▶ **HOW TO COMPLETE THIS TASK**: Check the data underneath for lines holding the word "import", and state only how many you find.
==================================================
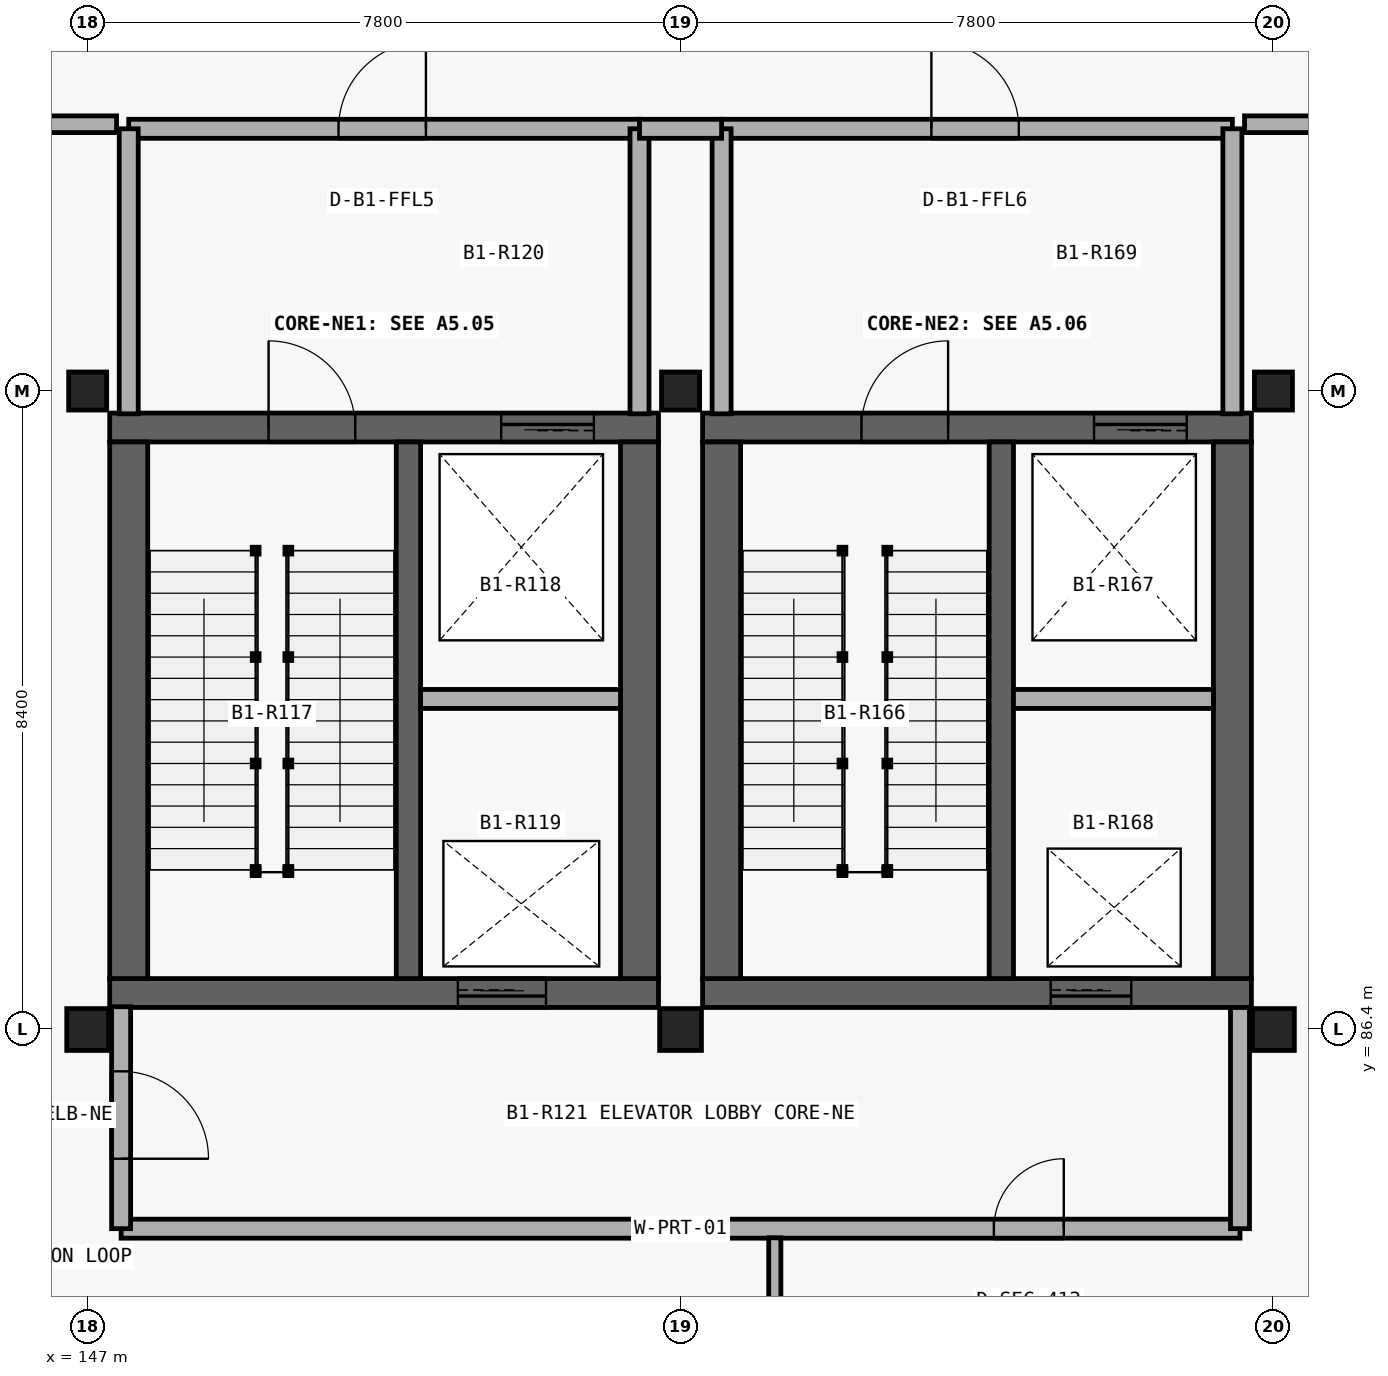
"""IFC4 building model, lengths in metres.
Left out: names, types, materials, properties, quantities, classifications, styles, units other than length and angle.
Written with IfcOpenShell. Run it as: python <this file> out.ifc"""

import sys

from ifc_helpers import new_model, si_unit, direction, frame, frame_2d, origin_with_axes, origin_2d_with_axis, place, context, subcontext, project, spatial, rectangle, i_section, extrude, element, fill, save


model = new_model("IFC4")
c1 = context("Model", 3, precision=1e-05, world=origin_with_axes(), true_north=direction((0.0, 1.0)))
c2 = subcontext(c1, "Body", "Model", "MODEL_VIEW")
j1 = project(units=[si_unit("LENGTHUNIT", "METRE"), si_unit("PLANEANGLEUNIT", "RADIAN")], contexts=[c1])
p1 = place(None, origin_with_axes())
s1 = spatial("IfcSite", under=j1, at=p1, CompositionType="ELEMENT")
p2 = place(p1, origin_with_axes())
s2 = spatial("IfcBuilding", under=s1, at=p2, CompositionType="ELEMENT")
p3 = place(p2, frame((0.0, 0.0, -4.8), z_axis=(0.0, 0.0, 1.0), x_axis=(1.0, 0.0, 0.0)))
s3 = spatial("IfcBuildingStorey", under=s2, at=p3, CompositionType="ELEMENT", Elevation=-4.8)
p4 = place(None, frame((147.29, 86.88, -5.35), z_axis=(0.0, 0.0, 1.0), x_axis=(1.0, 0.0, 0.0)))
e1 = element("IfcWall", 1, at=p4, inside=s3, PredefinedType="SHEAR", context=c2, shape_type="SweptSolid", body=[
    extrude(rectangle(XDim=7.22, YDim=0.38, at=frame_2d((3.61, 0.0), x_axis=(1.0, 0.0))), origin_with_axes(), (0.0, 0.0, 1.0), 5.35),
])
p5 = place(None, frame((152.45, 86.88, -4.8), z_axis=(0.0, 0.0, 1.0), x_axis=(1.0, 0.0, 0.0)))
e2 = element("IfcOpeningElement", 2, at=p5, cuts=e1, PredefinedType="OPENING", context=c2, shape_type="SweptSolid", body=[
    extrude(rectangle(XDim=1.16, YDim=2.2, at=frame_2d((0.0, 1.1), x_axis=(1.0, 0.0))), frame((0.0, 0.2, 0.0), z_axis=(0.0, -1.0, 0.0), x_axis=(1.0, 0.0, 0.0)), (0.0, 0.0, 1.0), 0.4),
])
p6 = place(None, frame((154.51, 94.32, -5.35), z_axis=(0.0, 0.0, 1.0), x_axis=(-1.0, 0.0, 0.0)))
e3 = element("IfcWall", 3, at=p6, inside=s3, PredefinedType="SHEAR", context=c2, shape_type="SweptSolid", body=[
    extrude(rectangle(XDim=7.22, YDim=0.38, at=frame_2d((3.61, 0.0), x_axis=(1.0, 0.0))), origin_with_axes(), (0.0, 0.0, 1.0), 5.35),
])
p7 = place(None, frame((149.95, 94.32, -4.8), z_axis=(0.0, 0.0, 1.0), x_axis=(-1.0, 0.0, 0.0)))
e4 = element("IfcOpeningElement", 4, at=p7, cuts=e3, PredefinedType="OPENING", context=c2, shape_type="SweptSolid", body=[
    extrude(rectangle(XDim=1.14, YDim=2.18, at=frame_2d((0.0, 1.09), x_axis=(1.0, 0.0))), frame((0.0, 0.2, 0.0), z_axis=(0.0, -1.0, 0.0), x_axis=(1.0, 0.0, 0.0)), (0.0, 0.0, 1.0), 0.4),
])
p8 = place(None, frame((153.05, 94.32, -4.8), z_axis=(0.0, 0.0, 1.0), x_axis=(-1.0, 0.0, 0.0)))
e5 = element("IfcOpeningElement", 5, at=p8, cuts=e3, PredefinedType="OPENING", context=c2, shape_type="SweptSolid", body=[
    extrude(rectangle(XDim=1.22, YDim=2.28, at=frame_2d((0.0, 1.14), x_axis=(1.0, 0.0))), frame((0.0, 0.2, 0.0), z_axis=(0.0, -1.0, 0.0), x_axis=(1.0, 0.0, 0.0)), (0.0, 0.0, 1.0), 0.4),
])
for number, where, z_axis, x_axis in (
    (6, (154.26, 87.07, -5.35), (0.0, 0.0, 1.0), (0.0, 1.0, 0.0)),
    (7, (147.54, 94.13, -5.35), (0.0, 0.0, 1.0), (0.0, -1.0, 0.0)),
):
    element("IfcWall", number, at=place(None, frame(where, z_axis=z_axis, x_axis=x_axis)), inside=s3, PredefinedType="SHEAR", context=c2, shape_type="SweptSolid", body=[
        extrude(rectangle(XDim=7.06, YDim=0.5, at=frame_2d((3.53, 0.0), x_axis=(1.0, 0.0))), origin_with_axes(), (0.0, 0.0, 1.0), 5.35),
    ])
p9 = place(None, frame((151.22, 87.07, -5.35), z_axis=(0.0, 0.0, 1.0), x_axis=(0.0, 1.0, 0.0)))
e8 = element("IfcWall", 8, at=p9, inside=s3, PredefinedType="SHEAR", context=c2, shape_type="SweptSolid", body=[
    extrude(rectangle(XDim=7.06, YDim=0.32, at=frame_2d((3.53, 0.0), x_axis=(1.0, 0.0))), origin_with_axes(), (0.0, 0.0, 1.0), 5.35),
])
p10 = place(None, frame((151.38, 90.749, -4.8), z_axis=(0.0, 0.0, 1.0), x_axis=(1.0, 0.0, 0.0)))
e9 = element("IfcWall", 9, at=p10, inside=s3, PredefinedType="PARTITIONING", context=c2, shape_type="SweptSolid", body=[
    extrude(rectangle(XDim=2.63, YDim=0.25, at=frame_2d((1.315, 0.0), x_axis=(1.0, 0.0))), origin_with_axes(), (0.0, 0.0, 1.0), 4.44),
])
p11 = place(None, frame((154.26, 98.25, -4.8), z_axis=(0.0, 0.0, 1.0), x_axis=(-1.0, 0.0, 0.0)))
e10 = element("IfcWall", 10, at=p11, inside=s3, PredefinedType="PARTITIONING", context=c2, shape_type="SweptSolid", body=[
    extrude(rectangle(XDim=6.72, YDim=0.25, at=frame_2d((3.36, 0.0), x_axis=(1.0, 0.0))), origin_with_axes(), (0.0, 0.0, 1.0), 4.44),
])
p12 = place(None, frame((150.875, 98.25, -4.8), z_axis=(0.0, 0.0, 1.0), x_axis=(-1.0, 0.0, 0.0)))
e11 = element("IfcOpeningElement", 11, at=p12, cuts=e10, PredefinedType="OPENING", context=c2, shape_type="SweptSolid", body=[
    extrude(rectangle(XDim=1.15, YDim=2.25, at=frame_2d((0.0, 1.125), x_axis=(1.0, 0.0))), frame((0.0, 0.135, 0.0), z_axis=(0.0, -1.0, 0.0), x_axis=(1.0, 0.0, 0.0)), (0.0, 0.0, 1.0), 0.27),
])
for number, where, z_axis, x_axis in (
    (12, (147.54, 94.5, -4.8), (0.0, 0.0, 1.0), (0.0, 1.0, 0.0)),
    (13, (154.26, 94.5, -4.8), (0.0, 0.0, 1.0), (0.0, 1.0, 0.0)),
):
    element("IfcWall", number, at=place(None, frame(where, z_axis=z_axis, x_axis=x_axis)), inside=s3, PredefinedType="PARTITIONING", context=c2, shape_type="SweptSolid", body=[
        extrude(rectangle(XDim=3.75, YDim=0.25, at=frame_2d((1.875, 0.0), x_axis=(1.0, 0.0))), origin_with_axes(), (0.0, 0.0, 1.0), 4.44),
    ])
p13 = place(None, frame((147.44, 83.78, -4.8), z_axis=(0.0, 0.0, 1.0), x_axis=(1.0, 0.0, 0.0)))
e14 = element("IfcWall", 14, at=p13, inside=s3, PredefinedType="PARTITIONING", context=c2, shape_type="SweptSolid", body=[
    extrude(rectangle(XDim=14.72, YDim=0.25, at=frame_2d((7.36, 0.0), x_axis=(1.0, 0.0))), origin_with_axes(), (0.0, 0.0, 1.0), 4.1),
])
p14 = place(None, frame((159.382, 83.78, -4.8), z_axis=(0.0, 0.0, 1.0), x_axis=(1.0, 0.0, 0.0)))
e15 = element("IfcOpeningElement", 15, at=p14, cuts=e14, PredefinedType="OPENING", context=c2, shape_type="SweptSolid", body=[
    extrude(rectangle(XDim=0.92, YDim=2.14, at=frame_2d((0.0, 1.07), x_axis=(1.0, 0.0))), frame((0.0, 0.135, 0.0), z_axis=(0.0, -1.0, 0.0), x_axis=(1.0, 0.0, 0.0)), (0.0, 0.0, 1.0), 0.27),
])
p15 = place(None, frame((162.16, 83.78, -4.8), z_axis=(0.0, 0.0, 1.0), x_axis=(0.0, 1.0, 0.0)))
e16 = element("IfcWall", 16, at=p15, inside=s3, PredefinedType="PARTITIONING", context=c2, shape_type="SweptSolid", body=[
    extrude(rectangle(XDim=2.92, YDim=0.25, at=frame_2d((1.46, 0.0), x_axis=(1.0, 0.0))), origin_with_axes(), (0.0, 0.0, 1.0), 4.44),
])
p16 = place(None, frame((147.44, 86.7, -4.8), z_axis=(0.0, 0.0, 1.0), x_axis=(0.0, -1.0, 0.0)))
e17 = element("IfcWall", 17, at=p16, inside=s3, PredefinedType="PARTITIONING", context=c2, shape_type="SweptSolid", body=[
    extrude(rectangle(XDim=2.92, YDim=0.25, at=frame_2d((1.46, 0.0), x_axis=(1.0, 0.0))), origin_with_axes(), (0.0, 0.0, 1.0), 4.44),
])
p17 = place(None, frame((147.44, 85.275, -4.8), z_axis=(0.0, 0.0, 1.0), x_axis=(0.0, -1.0, 0.0)))
e18 = element("IfcOpeningElement", 18, at=p17, cuts=e17, PredefinedType="OPENING", context=c2, shape_type="SweptSolid", body=[
    extrude(rectangle(XDim=1.15, YDim=2.25, at=frame_2d((0.0, 1.125), x_axis=(1.0, 0.0))), frame((0.0, 0.135, 0.0), z_axis=(0.0, -1.0, 0.0), x_axis=(1.0, 0.0, 0.0)), (0.0, 0.0, 1.0), 0.27),
])
p18 = place(None, frame((155.09, 86.88, -5.35), z_axis=(0.0, 0.0, 1.0), x_axis=(1.0, 0.0, 0.0)))
e19 = element("IfcWall", 19, at=p18, inside=s3, PredefinedType="SHEAR", context=c2, shape_type="SweptSolid", body=[
    extrude(rectangle(XDim=7.22, YDim=0.38, at=frame_2d((3.61, 0.0), x_axis=(1.0, 0.0))), origin_with_axes(), (0.0, 0.0, 1.0), 5.35),
])
p19 = place(None, frame((160.2, 86.88, -4.8), z_axis=(0.0, 0.0, 1.0), x_axis=(1.0, 0.0, 0.0)))
e20 = element("IfcOpeningElement", 20, at=p19, cuts=e19, PredefinedType="OPENING", context=c2, shape_type="SweptSolid", body=[
    extrude(rectangle(XDim=1.06, YDim=2.16, at=frame_2d((0.0, 1.08), x_axis=(1.0, 0.0))), frame((0.0, 0.2, 0.0), z_axis=(0.0, -1.0, 0.0), x_axis=(1.0, 0.0, 0.0)), (0.0, 0.0, 1.0), 0.4),
])
p20 = place(None, frame((162.31, 94.32, -5.35), z_axis=(0.0, 0.0, 1.0), x_axis=(-1.0, 0.0, 0.0)))
e21 = element("IfcWall", 21, at=p20, inside=s3, PredefinedType="SHEAR", context=c2, shape_type="SweptSolid", body=[
    extrude(rectangle(XDim=7.22, YDim=0.38, at=frame_2d((3.61, 0.0), x_axis=(1.0, 0.0))), origin_with_axes(), (0.0, 0.0, 1.0), 5.35),
])
p21 = place(None, frame((157.75, 94.32, -4.8), z_axis=(0.0, 0.0, 1.0), x_axis=(-1.0, 0.0, 0.0)))
e22 = element("IfcOpeningElement", 22, at=p21, cuts=e21, PredefinedType="OPENING", context=c2, shape_type="SweptSolid", body=[
    extrude(rectangle(XDim=1.14, YDim=2.18, at=frame_2d((0.0, 1.09), x_axis=(1.0, 0.0))), frame((0.0, 0.2, 0.0), z_axis=(0.0, -1.0, 0.0), x_axis=(1.0, 0.0, 0.0)), (0.0, 0.0, 1.0), 0.4),
])
p22 = place(None, frame((160.85, 94.32, -4.8), z_axis=(0.0, 0.0, 1.0), x_axis=(-1.0, 0.0, 0.0)))
e23 = element("IfcOpeningElement", 23, at=p22, cuts=e21, PredefinedType="OPENING", context=c2, shape_type="SweptSolid", body=[
    extrude(rectangle(XDim=1.22, YDim=2.28, at=frame_2d((0.0, 1.14), x_axis=(1.0, 0.0))), frame((0.0, 0.2, 0.0), z_axis=(0.0, -1.0, 0.0), x_axis=(1.0, 0.0, 0.0)), (0.0, 0.0, 1.0), 0.4),
])
for number, where, z_axis, x_axis in (
    (24, (162.06, 87.07, -5.35), (0.0, 0.0, 1.0), (0.0, 1.0, 0.0)),
    (25, (155.34, 94.13, -5.35), (0.0, 0.0, 1.0), (0.0, -1.0, 0.0)),
):
    element("IfcWall", number, at=place(None, frame(where, z_axis=z_axis, x_axis=x_axis)), inside=s3, PredefinedType="SHEAR", context=c2, shape_type="SweptSolid", body=[
        extrude(rectangle(XDim=7.06, YDim=0.5, at=frame_2d((3.53, 0.0), x_axis=(1.0, 0.0))), origin_with_axes(), (0.0, 0.0, 1.0), 5.35),
    ])
p23 = place(None, frame((159.02, 87.07, -5.35), z_axis=(0.0, 0.0, 1.0), x_axis=(0.0, 1.0, 0.0)))
e26 = element("IfcWall", 26, at=p23, inside=s3, PredefinedType="SHEAR", context=c2, shape_type="SweptSolid", body=[
    extrude(rectangle(XDim=7.06, YDim=0.32, at=frame_2d((3.53, 0.0), x_axis=(1.0, 0.0))), origin_with_axes(), (0.0, 0.0, 1.0), 5.35),
])
p24 = place(None, frame((159.18, 90.749, -4.8), z_axis=(0.0, 0.0, 1.0), x_axis=(1.0, 0.0, 0.0)))
e27 = element("IfcWall", 27, at=p24, inside=s3, PredefinedType="PARTITIONING", context=c2, shape_type="SweptSolid", body=[
    extrude(rectangle(XDim=2.63, YDim=0.25, at=frame_2d((1.315, 0.0), x_axis=(1.0, 0.0))), origin_with_axes(), (0.0, 0.0, 1.0), 4.44),
])
p25 = place(None, frame((162.06, 98.25, -4.8), z_axis=(0.0, 0.0, 1.0), x_axis=(-1.0, 0.0, 0.0)))
e28 = element("IfcWall", 28, at=p25, inside=s3, PredefinedType="PARTITIONING", context=c2, shape_type="SweptSolid", body=[
    extrude(rectangle(XDim=6.72, YDim=0.25, at=frame_2d((3.36, 0.0), x_axis=(1.0, 0.0))), origin_with_axes(), (0.0, 0.0, 1.0), 4.44),
])
p26 = place(None, frame((158.675, 98.25, -4.8), z_axis=(0.0, 0.0, 1.0), x_axis=(-1.0, 0.0, 0.0)))
e29 = element("IfcOpeningElement", 29, at=p26, cuts=e28, PredefinedType="OPENING", context=c2, shape_type="SweptSolid", body=[
    extrude(rectangle(XDim=1.15, YDim=2.25, at=frame_2d((0.0, 1.125), x_axis=(1.0, 0.0))), frame((0.0, 0.135, 0.0), z_axis=(0.0, -1.0, 0.0), x_axis=(1.0, 0.0, 0.0)), (0.0, 0.0, 1.0), 0.27),
])
for number, where, z_axis, x_axis in (
    (30, (155.34, 94.5, -4.8), (0.0, 0.0, 1.0), (0.0, 1.0, 0.0)),
    (31, (162.06, 94.5, -4.8), (0.0, 0.0, 1.0), (0.0, 1.0, 0.0)),
):
    element("IfcWall", number, at=place(None, frame(where, z_axis=z_axis, x_axis=x_axis)), inside=s3, PredefinedType="PARTITIONING", context=c2, shape_type="SweptSolid", body=[
        extrude(rectangle(XDim=3.75, YDim=0.25, at=frame_2d((1.875, 0.0), x_axis=(1.0, 0.0))), origin_with_axes(), (0.0, 0.0, 1.0), 4.44),
    ])
p27 = place(None, frame((154.26, 98.25, -4.8), z_axis=(0.0, 0.0, 1.0), x_axis=(1.0, 0.0, 0.0)))
e32 = element("IfcWall", 32, at=p27, inside=s3, PredefinedType="PARTITIONING", context=c2, shape_type="SweptSolid", body=[
    extrude(rectangle(XDim=1.08, YDim=0.25, at=frame_2d((0.54, 0.0), x_axis=(1.0, 0.0))), origin_with_axes(), (0.0, 0.0, 1.0), 4.44),
])
p28 = place(None, frame((145.7, 98.31, -4.8), z_axis=(0.0, 0.0, 1.0), x_axis=(1.0, 0.0, 0.0)))
e33 = element("IfcWall", 33, at=p28, inside=s3, PredefinedType="PARTITIONING", context=c2, shape_type="SweptSolid", body=[
    extrude(rectangle(XDim=1.68, YDim=0.22, at=frame_2d((0.84, 0.0), x_axis=(1.0, 0.0))), origin_with_axes(), (0.0, 0.0, 1.0), 4.44),
])
p29 = place(None, frame((162.22, 98.31, -4.8), z_axis=(0.0, 0.0, 1.0), x_axis=(1.0, 0.0, 0.0)))
e34 = element("IfcWall", 34, at=p29, inside=s3, PredefinedType="PARTITIONING", context=c2, shape_type="SweptSolid", body=[
    extrude(rectangle(XDim=7.04, YDim=0.22, at=frame_2d((3.52, 0.0), x_axis=(1.0, 0.0))), origin_with_axes(), (0.0, 0.0, 1.0), 4.44),
])
p30 = place(None, frame((156.04, 29.49, -4.8), z_axis=(0.0, 0.0, 1.0), x_axis=(0.0, 1.0, 0.0)))
e35 = element("IfcWall", 35, at=p30, inside=s3, PredefinedType="PARTITIONING", context=c2, shape_type="SweptSolid", body=[
    extrude(rectangle(XDim=54.17, YDim=0.16, at=frame_2d((27.085, 0.0), x_axis=(1.0, 0.0))), origin_with_axes(), (0.0, 0.0, 1.0), 4.44),
])
p31 = place(None, frame((147.0, 86.4, -5.35), z_axis=(0.0, 0.0, 1.0), x_axis=(1.0, 0.0, 0.0)))
e36 = element("IfcColumn", 36, at=p31, inside=s3, PredefinedType="COLUMN", context=c2, shape_type="SweptSolid", body=[
    extrude(i_section(OverallWidth=0.55, OverallDepth=0.55, WebThickness=0.025, FlangeThickness=0.042, at=origin_2d_with_axis()), origin_with_axes(), (0.0, 0.0, 1.0), 5.35),
])
p32 = place(None, frame((147.0, 94.8, -5.35), z_axis=(0.0, 0.0, 1.0), x_axis=(1.0, 0.0, 0.0)))
e37 = element("IfcColumn", 37, at=p32, inside=s3, PredefinedType="COLUMN", context=c2, shape_type="SweptSolid", body=[
    extrude(i_section(OverallWidth=0.5, OverallDepth=0.5, WebThickness=0.022, FlangeThickness=0.036, at=origin_2d_with_axis()), origin_with_axes(), (0.0, 0.0, 1.0), 5.35),
])
p33 = place(None, frame((154.8, 86.4, -5.35), z_axis=(0.0, 0.0, 1.0), x_axis=(1.0, 0.0, 0.0)))
e38 = element("IfcColumn", 38, at=p33, inside=s3, PredefinedType="COLUMN", context=c2, shape_type="SweptSolid", body=[
    extrude(i_section(OverallWidth=0.55, OverallDepth=0.55, WebThickness=0.025, FlangeThickness=0.042, at=origin_2d_with_axis()), origin_with_axes(), (0.0, 0.0, 1.0), 5.35),
])
p34 = place(None, frame((154.8, 94.8, -5.35), z_axis=(0.0, 0.0, 1.0), x_axis=(1.0, 0.0, 0.0)))
e39 = element("IfcColumn", 39, at=p34, inside=s3, PredefinedType="COLUMN", context=c2, shape_type="SweptSolid", body=[
    extrude(i_section(OverallWidth=0.5, OverallDepth=0.5, WebThickness=0.022, FlangeThickness=0.036, at=origin_2d_with_axis()), origin_with_axes(), (0.0, 0.0, 1.0), 5.35),
])
p35 = place(None, frame((162.6, 86.4, -5.35), z_axis=(0.0, 0.0, 1.0), x_axis=(1.0, 0.0, 0.0)))
e40 = element("IfcColumn", 40, at=p35, inside=s3, PredefinedType="COLUMN", context=c2, shape_type="SweptSolid", body=[
    extrude(i_section(OverallWidth=0.55, OverallDepth=0.55, WebThickness=0.025, FlangeThickness=0.042, at=origin_2d_with_axis()), origin_with_axes(), (0.0, 0.0, 1.0), 5.35),
])
p36 = place(None, frame((162.6, 94.8, -5.35), z_axis=(0.0, 0.0, 1.0), x_axis=(1.0, 0.0, 0.0)))
e41 = element("IfcColumn", 41, at=p36, inside=s3, PredefinedType="COLUMN", context=c2, shape_type="SweptSolid", body=[
    extrude(i_section(OverallWidth=0.5, OverallDepth=0.5, WebThickness=0.022, FlangeThickness=0.036, at=origin_2d_with_axis()), origin_with_axes(), (0.0, 0.0, 1.0), 5.35),
])
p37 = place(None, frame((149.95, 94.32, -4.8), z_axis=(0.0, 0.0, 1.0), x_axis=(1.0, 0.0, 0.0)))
==================================================
▶ **SOLUTION TO THIS PROBLEM**: 2